= Beginning of Section =
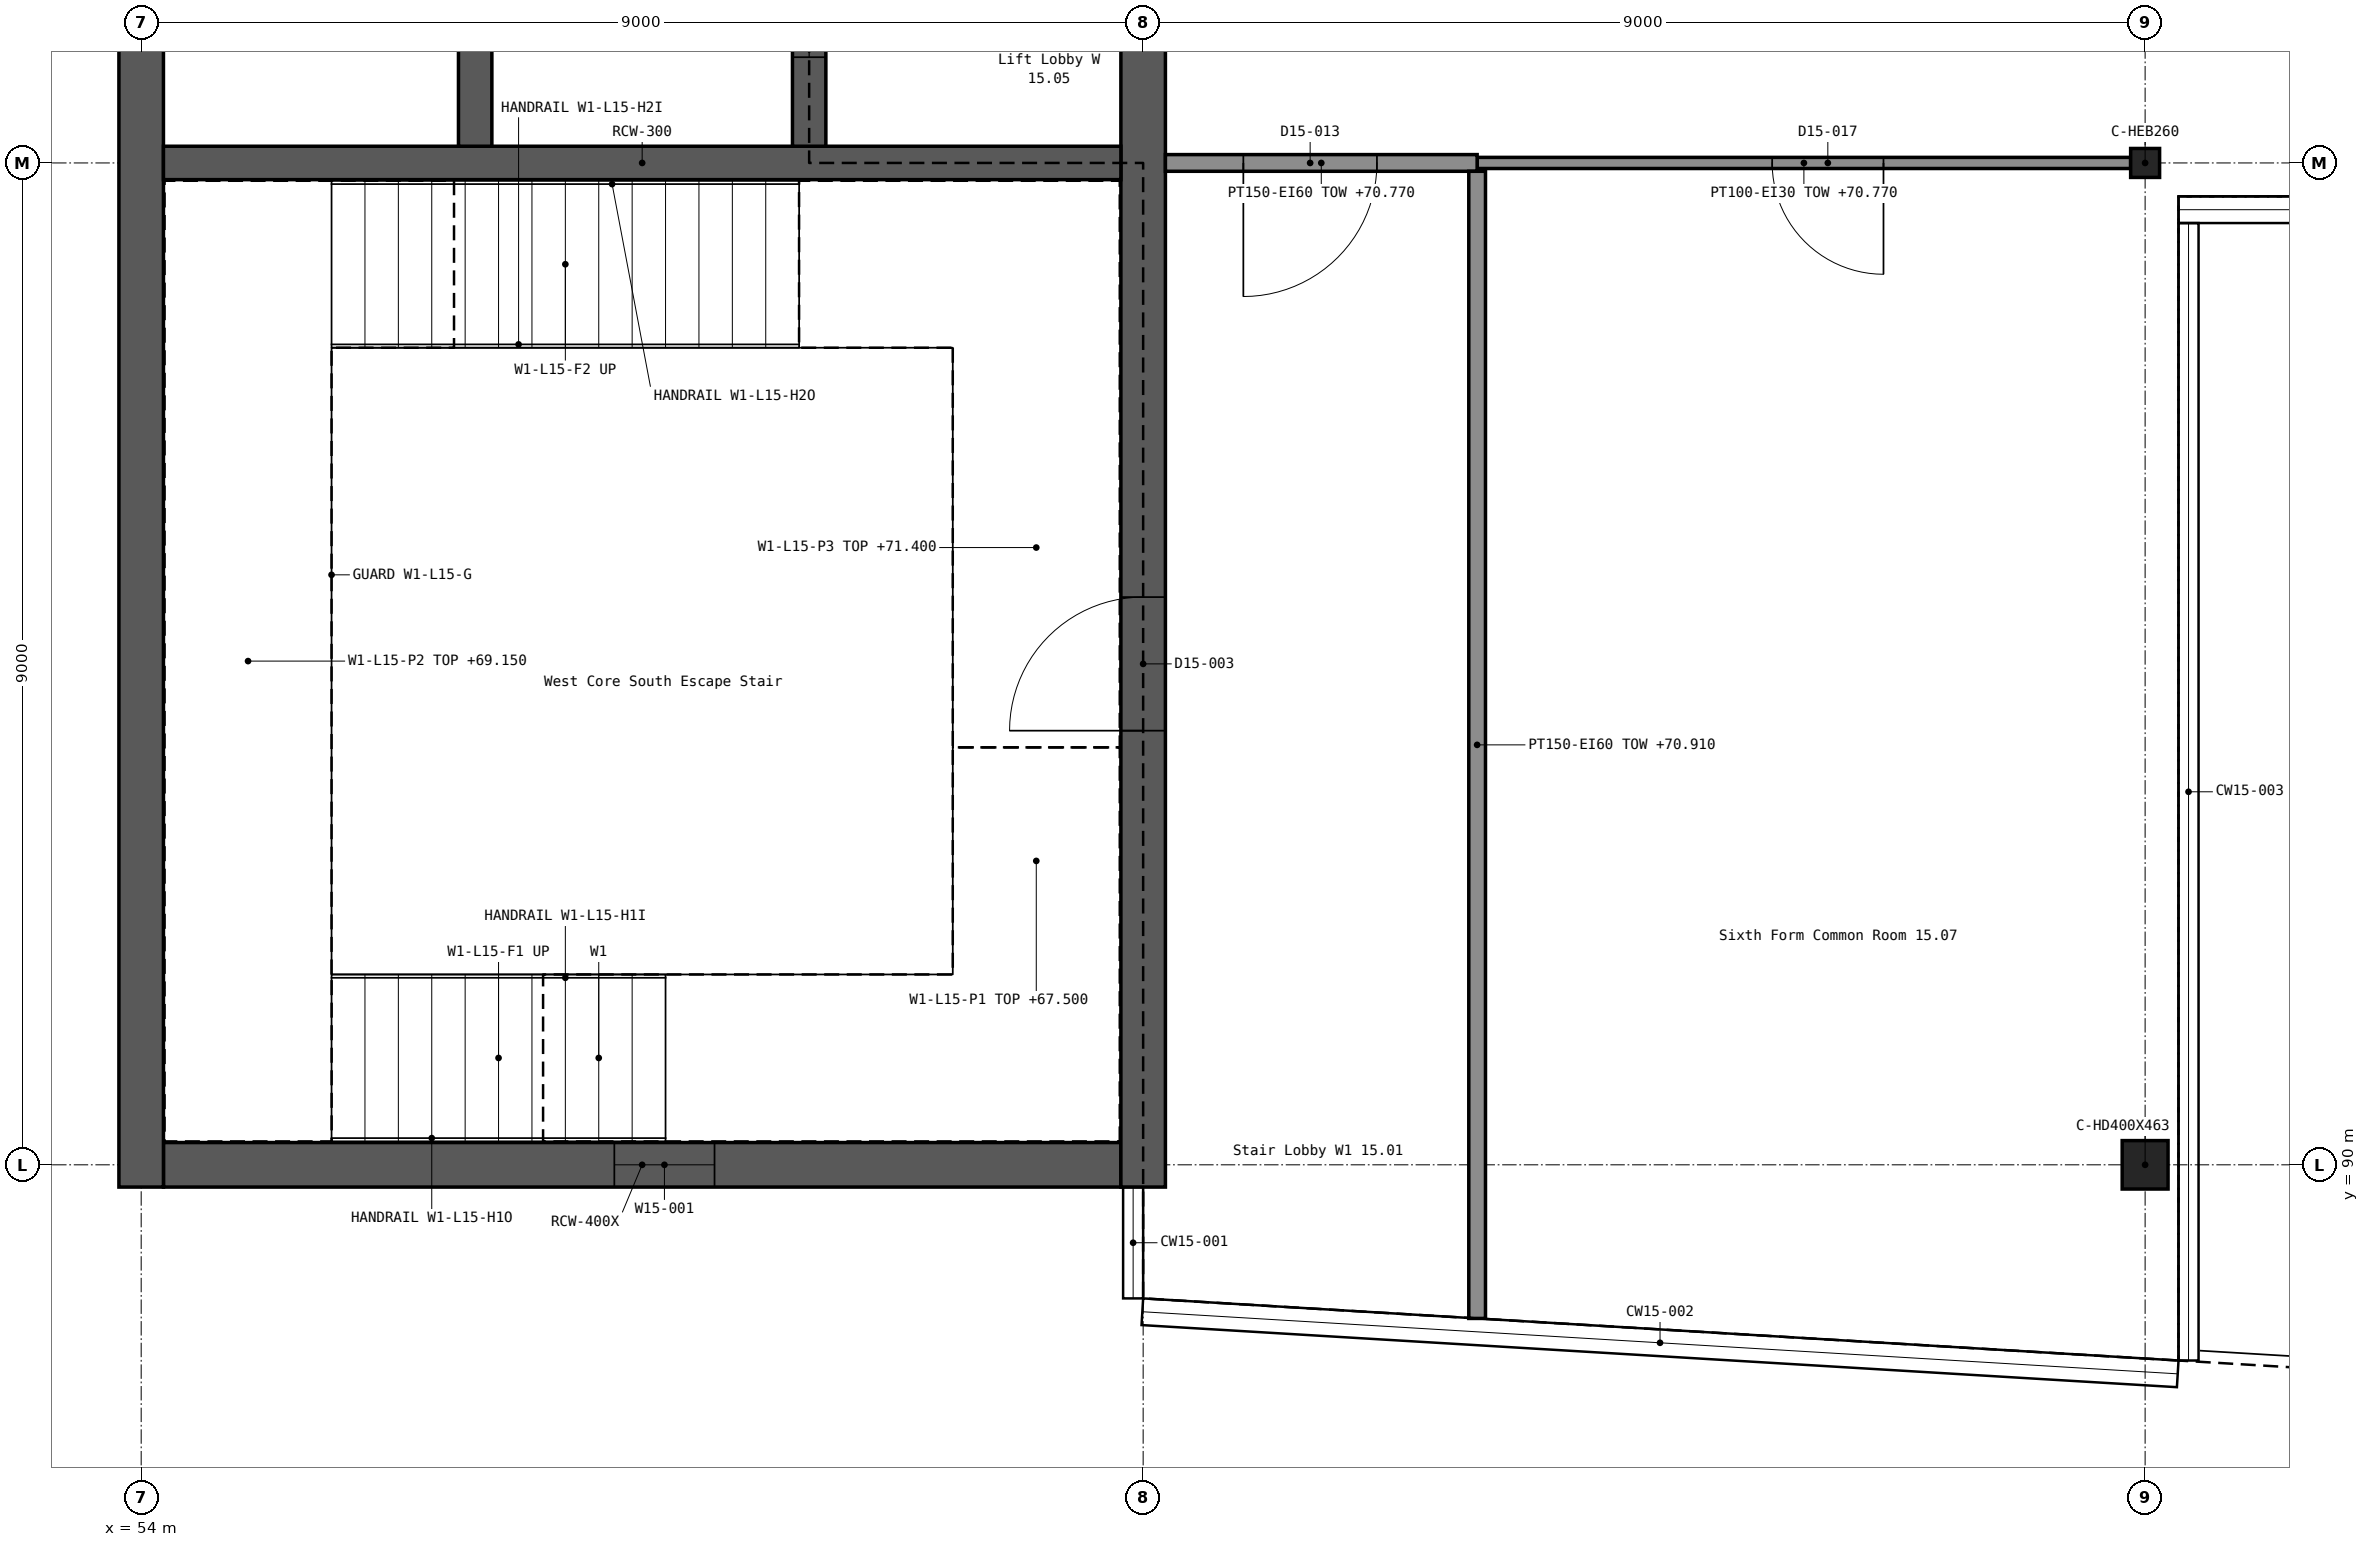
"""IFC4 building model, lengths in metres.
Left out: names, types, materials, properties, quantities, classifications, styles, units other than length and angle.
Written with IfcOpenShell. Run it as: python <this file> out.ifc"""

import sys

from ifc_helpers import new_model, si_unit, direction, frame, frame_2d, origin, origin_2d, place, context, subcontext, project, spatial, rectangle, i_section, extrude, element, fill, save


model = new_model("IFC4")
c1 = context("Model", 3, precision=1e-05, world=origin(), true_north=direction((0.0, 1.0)))
c2 = subcontext(c1, "Body", "Model", "MODEL_VIEW")
j1 = project(units=[si_unit("LENGTHUNIT", "METRE"), si_unit("PLANEANGLEUNIT", "RADIAN")], contexts=[c1])
p1 = place(None, origin())
s1 = spatial("IfcSite", under=j1, at=p1, CompositionType="ELEMENT")
p2 = place(p1, origin())
s2 = spatial("IfcBuilding", under=s1, at=p2, CompositionType="ELEMENT")
p3 = place(p2, frame((0.0, 0.0, 67.5)))
s3 = spatial("IfcBuildingStorey", under=s2, at=p3, CompositionType="ELEMENT", Elevation=67.5)
p4 = place(p3, frame((54.2, 90.0, 0.0), z_axis=(0.0, 0.0, 1.0), x_axis=(1.0, 0.0, 0.0)))
e1 = element("IfcWall", 1, at=p4, inside=s3, PredefinedType="SHEAR", context=c2, shape_type="SweptSolid", body=[
    extrude(rectangle(XDim=8.6, YDim=0.4, at=frame_2d((4.3, 0.0))), origin(), (0.0, 0.0, 1.0), 3.9),
])
p5 = place(p4, frame((4.05, 0.0, 1.2)))
e2 = element("IfcOpeningElement", 2, at=p5, cuts=e1, PredefinedType="OPENING", context=c2, shape_type="SweptSolid", body=[
    extrude(rectangle(XDim=0.9, YDim=1.5, at=frame_2d((0.45, 0.75))), frame((0.0, 0.211, 0.0), z_axis=(0.0, -1.0, 0.0), x_axis=(1.0, 0.0, 0.0)), (0.0, 0.0, 1.0), 0.422),
])
p6 = place(p3, frame((54.0, 89.8, 0.0), z_axis=(0.0, 0.0, 1.0), x_axis=(0.0, 1.0, 0.0)))
e3 = element("IfcWall", 3, at=p6, inside=s3, PredefinedType="SHEAR", context=c2, shape_type="SweptSolid", body=[
    extrude(rectangle(XDim=27.4, YDim=0.4, at=frame_2d((13.7, 0.0))), origin(), (0.0, 0.0, 1.0), 3.9),
])
p7 = place(p3, frame((63.0, 89.8, 0.0), z_axis=(0.0, 0.0, 1.0), x_axis=(0.0, 1.0, 0.0)))
e4 = element("IfcWall", 4, at=p7, inside=s3, PredefinedType="SHEAR", context=c2, shape_type="SweptSolid", body=[
    extrude(rectangle(XDim=27.4, YDim=0.4, at=frame_2d((13.7, 0.0))), origin(), (0.0, 0.0, 1.0), 3.9),
])
p8 = place(p7, frame((4.1, 0.0, 0.0)))
e5 = element("IfcOpeningElement", 5, at=p8, cuts=e4, PredefinedType="OPENING", context=c2, shape_type="SweptSolid", body=[
    extrude(rectangle(XDim=1.2, YDim=2.1, at=frame_2d((0.6, 1.05))), frame((0.0, 0.211, 0.0), z_axis=(0.0, -1.0, 0.0), x_axis=(1.0, 0.0, 0.0)), (0.0, 0.0, 1.0), 0.422),
])
p9 = place(p7, frame((22.1, 0.0, 0.0)))
e6 = element("IfcOpeningElement", 6, at=p9, cuts=e4, PredefinedType="OPENING", context=c2, shape_type="SweptSolid", body=[
    extrude(rectangle(XDim=1.2, YDim=2.1, at=frame_2d((0.6, 1.05))), frame((0.0, 0.211, 0.0), z_axis=(0.0, -1.0, 0.0), x_axis=(1.0, 0.0, 0.0)), (0.0, 0.0, 1.0), 0.422),
])
p10 = place(p7, frame((12.5, 0.0, 0.0)))
e7 = element("IfcOpeningElement", 7, at=p10, cuts=e4, PredefinedType="OPENING", context=c2, shape_type="SweptSolid", body=[
    extrude(rectangle(XDim=2.0, YDim=2.1, at=frame_2d((1.0, 1.05))), frame((0.0, 0.211, 0.0), z_axis=(0.0, -1.0, 0.0), x_axis=(1.0, 0.0, 0.0)), (0.0, 0.0, 1.0), 0.422),
])
p11 = place(p3, frame((54.2, 99.0, 0.0), z_axis=(0.0, 0.0, 1.0), x_axis=(1.0, 0.0, 0.0)))
e8 = element("IfcWall", 8, at=p11, inside=s3, PredefinedType="SHEAR", context=c2, shape_type="SweptSolid", body=[
    extrude(rectangle(XDim=8.6, YDim=0.3, at=frame_2d((4.3, 0.0))), origin(), (0.0, 0.0, 1.0), 3.9),
])
p12 = place(p3, frame((57.0, 99.15, 0.0), z_axis=(0.0, 0.0, 1.0), x_axis=(0.0, 1.0, 0.0)))
e9 = element("IfcWall", 9, at=p12, inside=s3, PredefinedType="SHEAR", context=c2, shape_type="SweptSolid", body=[
    extrude(rectangle(XDim=8.7, YDim=0.3, at=frame_2d((4.35, 0.0))), origin(), (0.0, 0.0, 1.0), 3.9),
])
p13 = place(p3, frame((60.0, 99.15, 0.0), z_axis=(0.0, 0.0, 1.0), x_axis=(0.0, 1.0, 0.0)))
e10 = element("IfcWall", 10, at=p13, inside=s3, PredefinedType="SHEAR", context=c2, shape_type="SweptSolid", body=[
    extrude(rectangle(XDim=8.7, YDim=0.3, at=frame_2d((4.35, 0.0))), origin(), (0.0, 0.0, 1.0), 3.9),
])
p14 = place(p13, frame((0.8, 0.0, 0.0)))
e11 = element("IfcOpeningElement", 11, at=p14, cuts=e10, PredefinedType="OPENING", context=c2, shape_type="SweptSolid", body=[
    extrude(rectangle(XDim=1.1, YDim=2.1, at=frame_2d((0.55, 1.05))), frame((0.0, 0.161, 0.0), z_axis=(0.0, -1.0, 0.0), x_axis=(1.0, 0.0, 0.0)), (0.0, 0.0, 1.0), 0.322),
])
p15 = place(p13, frame((3.8, 0.0, 0.0)))
e12 = element("IfcOpeningElement", 12, at=p15, cuts=e10, PredefinedType="OPENING", context=c2, shape_type="SweptSolid", body=[
    extrude(rectangle(XDim=1.1, YDim=2.1, at=frame_2d((0.55, 1.05))), frame((0.0, 0.161, 0.0), z_axis=(0.0, -1.0, 0.0), x_axis=(1.0, 0.0, 0.0)), (0.0, 0.0, 1.0), 0.322),
])
p16 = place(p13, frame((6.8, 0.0, 0.0)))
e13 = element("IfcOpeningElement", 13, at=p16, cuts=e10, PredefinedType="OPENING", context=c2, shape_type="SweptSolid", body=[
    extrude(rectangle(XDim=1.1, YDim=2.1, at=frame_2d((0.55, 1.05))), frame((0.0, 0.161, 0.0), z_axis=(0.0, -1.0, 0.0), x_axis=(1.0, 0.0, 0.0)), (0.0, 0.0, 1.0), 0.322),
])
p17 = place(p3, frame((72.0, 90.0, 0.0), z_axis=(0.0, 0.0, 1.0), x_axis=(1.0, 0.0, 0.0)))
e14 = element("IfcColumn", 14, at=p17, inside=s3, PredefinedType="COLUMN", context=c2, shape_type="SweptSolid", body=[
    extrude(i_section(OverallWidth=0.412, OverallDepth=0.435, WebThickness=0.036, FlangeThickness=0.057, FilletRadius=0.015, at=origin_2d()), origin(), (0.0, 0.0, 1.0), 3.9),
])
p18 = place(p3, frame((72.0, 99.0, 0.0), z_axis=(0.0, 0.0, 1.0), x_axis=(1.0, 0.0, 0.0)))
e15 = element("IfcColumn", 15, at=p18, inside=s3, PredefinedType="COLUMN", context=c2, shape_type="SweptSolid", body=[
    extrude(i_section(OverallWidth=0.26, OverallDepth=0.26, WebThickness=0.01, FlangeThickness=0.018, FilletRadius=0.024, at=origin_2d()), origin(), (0.0, 0.0, 1.0), 3.9),
])
p19 = place(p3, frame((66.0, 99.0, 0.0), z_axis=(0.0, 0.0, 1.0), x_axis=(1.0, 0.0, 0.0)))
e16 = element("IfcWall", 16, at=p19, inside=s3, PredefinedType="PARTITIONING", context=c2, shape_type="SweptSolid", body=[
    extrude(rectangle(XDim=5.87, YDim=0.1, at=frame_2d((2.935, 0.0))), origin(), (0.0, 0.0, 1.0), 3.27),
])
p20 = place(p19, frame((2.65, 0.0, 0.0)))
e17 = element("IfcOpeningElement", 17, at=p20, cuts=e16, PredefinedType="OPENING", context=c2, shape_type="SweptSolid", body=[
    extrude(rectangle(XDim=1.0, YDim=2.1, at=frame_2d((0.5, 1.05))), frame((0.0, 0.061, 0.0), z_axis=(0.0, -1.0, 0.0), x_axis=(1.0, 0.0, 0.0)), (0.0, 0.0, 1.0), 0.122),
])
p21 = place(p3, frame((63.2, 99.0, 0.0), z_axis=(0.0, 0.0, 1.0), x_axis=(1.0, 0.0, 0.0)))
e18 = element("IfcWall", 18, at=p21, inside=s3, PredefinedType="PARTITIONING", context=c2, shape_type="SweptSolid", body=[
    extrude(rectangle(XDim=2.8, YDim=0.15, at=frame_2d((1.4, 0.0))), origin(), (0.0, 0.0, 1.0), 3.27),
])
p22 = place(p21, frame((0.7, 0.0, 0.0)))
e19 = element("IfcOpeningElement", 19, at=p22, cuts=e18, PredefinedType="OPENING", context=c2, shape_type="SweptSolid", body=[
    extrude(rectangle(XDim=1.2, YDim=2.1, at=frame_2d((0.6, 1.05))), frame((0.0, 0.086, 0.0), z_axis=(0.0, -1.0, 0.0), x_axis=(1.0, 0.0, 0.0)), (0.0, 0.0, 1.0), 0.172),
])
p23 = place(p3, frame((66.0, 88.62, 0.0), z_axis=(0.0, 0.0, 1.0), x_axis=(0.0, 1.0, 0.0)))
e20 = element("IfcWall", 20, at=p23, inside=s3, PredefinedType="PARTITIONING", context=c2, shape_type="SweptSolid", body=[
    extrude(rectangle(XDim=10.305, YDim=0.15, at=frame_2d((5.152, 0.0))), origin(), (0.0, 0.0, 1.0), 3.41),
])
p24 = place(p5, origin())
e21 = element("IfcWindow", 21, at=p24, inside=s3, PartitioningType="SINGLE_PANEL", PredefinedType="WINDOW", context=c2, shape_type="SweptSolid", body=[
    extrude(rectangle(XDim=0.9, YDim=1.5, at=frame_2d((0.45, 0.75))), frame((0.0, 0.03, 0.0), z_axis=(0.0, -1.0, 0.0), x_axis=(1.0, 0.0, 0.0)), (0.0, 0.0, 1.0), 0.06),
])
fill(e2, e21)
p25 = place(p8, origin())
e22 = element("IfcDoor", 22, at=p25, inside=s3, OperationType="SINGLE_SWING_LEFT", PredefinedType="DOOR", context=c2, shape_type="SweptSolid", body=[
    extrude(rectangle(XDim=1.2, YDim=2.1, at=frame_2d((0.6, 1.05))), frame((0.0, 0.025, 0.0), z_axis=(0.0, -1.0, 0.0), x_axis=(1.0, 0.0, 0.0)), (0.0, 0.0, 1.0), 0.05),
])
fill(e5, e22)
p26 = place(p14, origin())
e23 = element("IfcDoor", 23, at=p26, inside=s3, OperationType="DOUBLE_DOOR_SLIDING", PredefinedType="DOOR", context=c2, shape_type="SweptSolid", body=[
    extrude(rectangle(XDim=1.1, YDim=2.1, at=frame_2d((0.55, 1.05))), frame((0.0, 0.025, 0.0), z_axis=(0.0, -1.0, 0.0), x_axis=(1.0, 0.0, 0.0)), (0.0, 0.0, 1.0), 0.05),
])
fill(e11, e23)
p27 = place(p22, frame((1.2, 0.0, 0.0), z_axis=(0.0, 0.0, 1.0), x_axis=(-1.0, 0.0, 0.0)))
e24 = element("IfcDoor", 24, at=p27, inside=s3, OperationType="SINGLE_SWING_RIGHT", PredefinedType="DOOR", context=c2, shape_type="SweptSolid", body=[
    extrude(rectangle(XDim=1.2, YDim=2.1, at=frame_2d((0.6, 1.05))), frame((0.0, 0.025, 0.0), z_axis=(0.0, -1.0, 0.0), x_axis=(1.0, 0.0, 0.0)), (0.0, 0.0, 1.0), 0.05),
])
fill(e19, e24)
p28 = place(p20, frame((1.0, 0.0, 0.0), z_axis=(0.0, 0.0, 1.0), x_axis=(-1.0, 0.0, 0.0)))
e25 = element("IfcDoor", 25, at=p28, inside=s3, OperationType="SINGLE_SWING_LEFT", PredefinedType="DOOR", context=c2, shape_type="SweptSolid", body=[
    extrude(rectangle(XDim=1.0, YDim=2.1, at=frame_2d((0.5, 1.05))), frame((0.0, 0.025, 0.0), z_axis=(0.0, -1.0, 0.0), x_axis=(1.0, 0.0, 0.0)), (0.0, 0.0, 1.0), 0.05),
])
fill(e17, e25)
save(model, sys.argv[1])
= End of Section =
### Assigned task
Filter the listing so that only lines holding the word "project" remain, and copy those lines.

### Answer
from ifc_helpers import new_model, si_unit, direction, frame, frame_2d, origin, origin_2d, place, context, subcontext, project, spatial, rectangle, i_section, extrude, element, fill, save
j1 = project(units=[si_unit("LENGTHUNIT", "METRE"), si_unit("PLANEANGLEUNIT", "RADIAN")], contexts=[c1])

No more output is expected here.